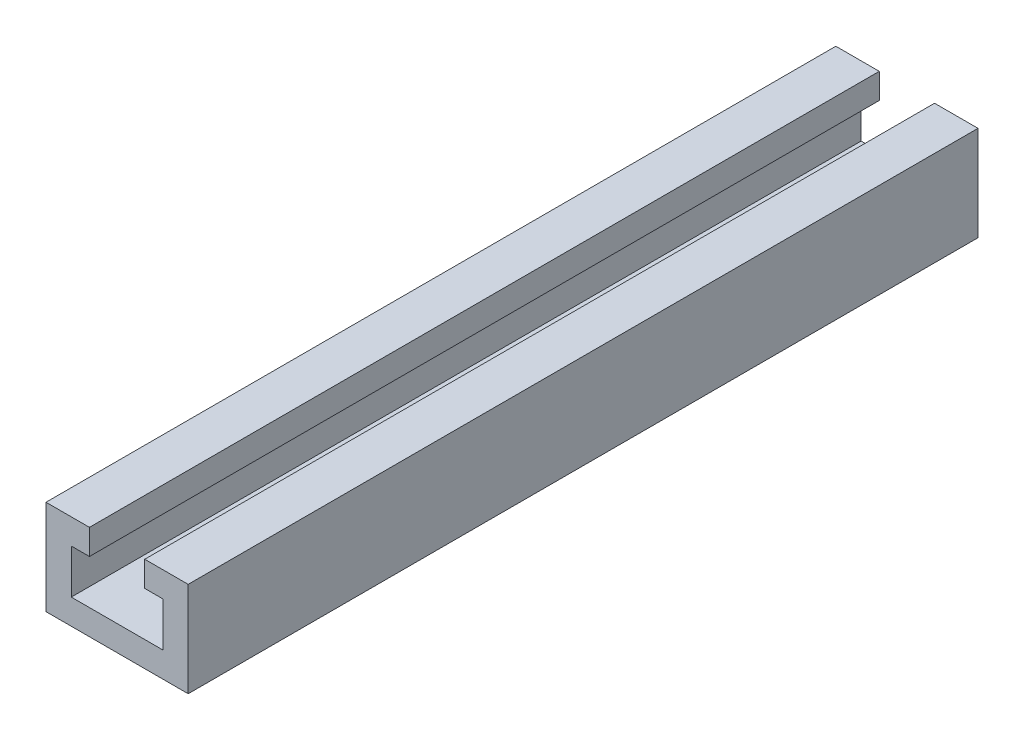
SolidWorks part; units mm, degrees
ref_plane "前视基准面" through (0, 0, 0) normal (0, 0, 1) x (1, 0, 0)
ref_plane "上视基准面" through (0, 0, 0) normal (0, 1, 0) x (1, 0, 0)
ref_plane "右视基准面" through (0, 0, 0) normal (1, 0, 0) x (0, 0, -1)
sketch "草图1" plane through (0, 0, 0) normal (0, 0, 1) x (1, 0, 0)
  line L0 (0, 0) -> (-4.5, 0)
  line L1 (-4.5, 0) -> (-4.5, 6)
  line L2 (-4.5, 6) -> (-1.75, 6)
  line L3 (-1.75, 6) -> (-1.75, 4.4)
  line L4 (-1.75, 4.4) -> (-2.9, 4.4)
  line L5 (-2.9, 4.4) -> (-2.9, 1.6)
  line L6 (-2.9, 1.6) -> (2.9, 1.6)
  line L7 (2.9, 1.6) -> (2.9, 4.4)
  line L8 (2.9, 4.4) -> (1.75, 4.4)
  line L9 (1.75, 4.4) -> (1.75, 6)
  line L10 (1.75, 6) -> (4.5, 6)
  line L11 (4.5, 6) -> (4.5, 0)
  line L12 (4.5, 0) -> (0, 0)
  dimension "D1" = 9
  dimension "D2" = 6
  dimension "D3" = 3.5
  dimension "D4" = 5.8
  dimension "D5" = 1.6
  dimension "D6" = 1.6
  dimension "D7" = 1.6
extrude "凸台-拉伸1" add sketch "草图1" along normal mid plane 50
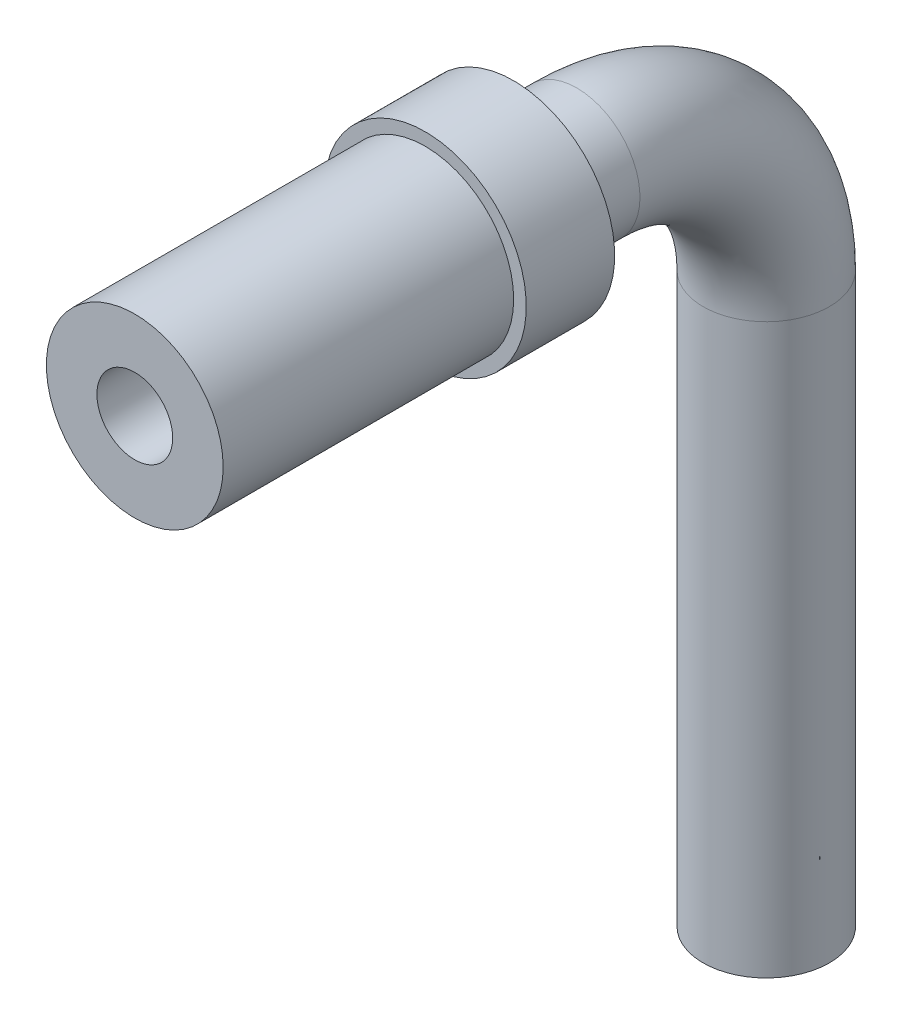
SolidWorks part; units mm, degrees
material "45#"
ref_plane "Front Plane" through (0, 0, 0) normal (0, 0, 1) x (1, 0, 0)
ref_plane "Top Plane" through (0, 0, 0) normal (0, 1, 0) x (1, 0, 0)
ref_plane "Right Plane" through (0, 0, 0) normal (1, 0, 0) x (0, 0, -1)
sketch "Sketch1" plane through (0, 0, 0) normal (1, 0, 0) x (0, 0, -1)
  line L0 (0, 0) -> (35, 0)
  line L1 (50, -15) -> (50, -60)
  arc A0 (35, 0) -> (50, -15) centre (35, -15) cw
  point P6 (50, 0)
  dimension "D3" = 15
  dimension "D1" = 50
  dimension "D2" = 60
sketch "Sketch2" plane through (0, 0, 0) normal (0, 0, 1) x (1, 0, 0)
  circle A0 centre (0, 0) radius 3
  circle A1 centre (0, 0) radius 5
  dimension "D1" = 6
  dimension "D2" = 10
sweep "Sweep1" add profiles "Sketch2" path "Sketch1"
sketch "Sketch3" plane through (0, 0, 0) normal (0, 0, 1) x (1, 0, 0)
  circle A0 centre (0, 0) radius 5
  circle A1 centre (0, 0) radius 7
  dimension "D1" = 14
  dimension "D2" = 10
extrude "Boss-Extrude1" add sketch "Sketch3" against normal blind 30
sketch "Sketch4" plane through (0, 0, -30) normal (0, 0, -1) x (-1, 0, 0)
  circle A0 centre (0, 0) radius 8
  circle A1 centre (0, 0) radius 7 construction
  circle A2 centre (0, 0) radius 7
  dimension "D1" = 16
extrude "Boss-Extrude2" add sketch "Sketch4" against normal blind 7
___
AIM OF THE EXERCISE:
Please repeat every record above exactly, leaving the pictures out.

EXPECTED ANSWER:
SolidWorks part; units mm, degrees
ref_plane "前视基准面" through (0, 0, 0) normal (0, 0, 1) x (1, 0, 0)
ref_plane "上视基准面" through (0, 0, 0) normal (0, 1, 0) x (1, 0, 0)
ref_plane "右视基准面" through (0, 0, 0) normal (1, 0, 0) x (0, 0, -1)
sketch "草图1" plane through (0, 0, 0) normal (0, 0, 1) x (1, 0, 0)
  line L0 (0, 0) -> (-4.5, 0)
  line L1 (-4.5, 0) -> (-4.5, 6)
  line L2 (-4.5, 6) -> (-1.75, 6)
  line L3 (-1.75, 6) -> (-1.75, 4.4)
  line L4 (-1.75, 4.4) -> (-2.9, 4.4)
  line L5 (-2.9, 4.4) -> (-2.9, 1.6)
  line L6 (-2.9, 1.6) -> (2.9, 1.6)
  line L7 (2.9, 1.6) -> (2.9, 4.4)
  line L8 (2.9, 4.4) -> (1.75, 4.4)
  line L9 (1.75, 4.4) -> (1.75, 6)
  line L10 (1.75, 6) -> (4.5, 6)
  line L11 (4.5, 6) -> (4.5, 0)
  line L12 (4.5, 0) -> (0, 0)
  dimension "D1" = 9
  dimension "D2" = 6
  dimension "D3" = 3.5
  dimension "D4" = 5.8
  dimension "D5" = 1.6
  dimension "D6" = 1.6
  dimension "D7" = 1.6
extrude "凸台-拉伸1" add sketch "草图1" along normal mid plane 50
SolidWorks part; units mm, degrees
material "45#"
ref_plane "Front Plane" through (0, 0, 0) normal (0, 0, 1) x (1, 0, 0)
ref_plane "Top Plane" through (0, 0, 0) normal (0, 1, 0) x (1, 0, 0)
ref_plane "Right Plane" through (0, 0, 0) normal (1, 0, 0) x (0, 0, -1)
sketch "Sketch1" plane through (0, 0, 0) normal (1, 0, 0) x (0, 0, -1)
  line L0 (0, 0) -> (35, 0)
  line L1 (50, -15) -> (50, -60)
  arc A0 (35, 0) -> (50, -15) centre (35, -15) cw
  point P6 (50, 0)
  dimension "D3" = 15
  dimension "D1" = 50
  dimension "D2" = 60
sketch "Sketch2" plane through (0, 0, 0) normal (0, 0, 1) x (1, 0, 0)
  circle A0 centre (0, 0) radius 3
  circle A1 centre (0, 0) radius 5
  dimension "D1" = 6
  dimension "D2" = 10
sweep "Sweep1" add profiles "Sketch2" path "Sketch1"
sketch "Sketch3" plane through (0, 0, 0) normal (0, 0, 1) x (1, 0, 0)
  circle A0 centre (0, 0) radius 5
  circle A1 centre (0, 0) radius 7
  dimension "D1" = 14
  dimension "D2" = 10
extrude "Boss-Extrude1" add sketch "Sketch3" against normal blind 30
sketch "Sketch4" plane through (0, 0, -30) normal (0, 0, -1) x (-1, 0, 0)
  circle A0 centre (0, 0) radius 8
  circle A1 centre (0, 0) radius 7 construction
  circle A2 centre (0, 0) radius 7
  dimension "D1" = 16
extrude "Boss-Extrude2" add sketch "Sketch4" against normal blind 7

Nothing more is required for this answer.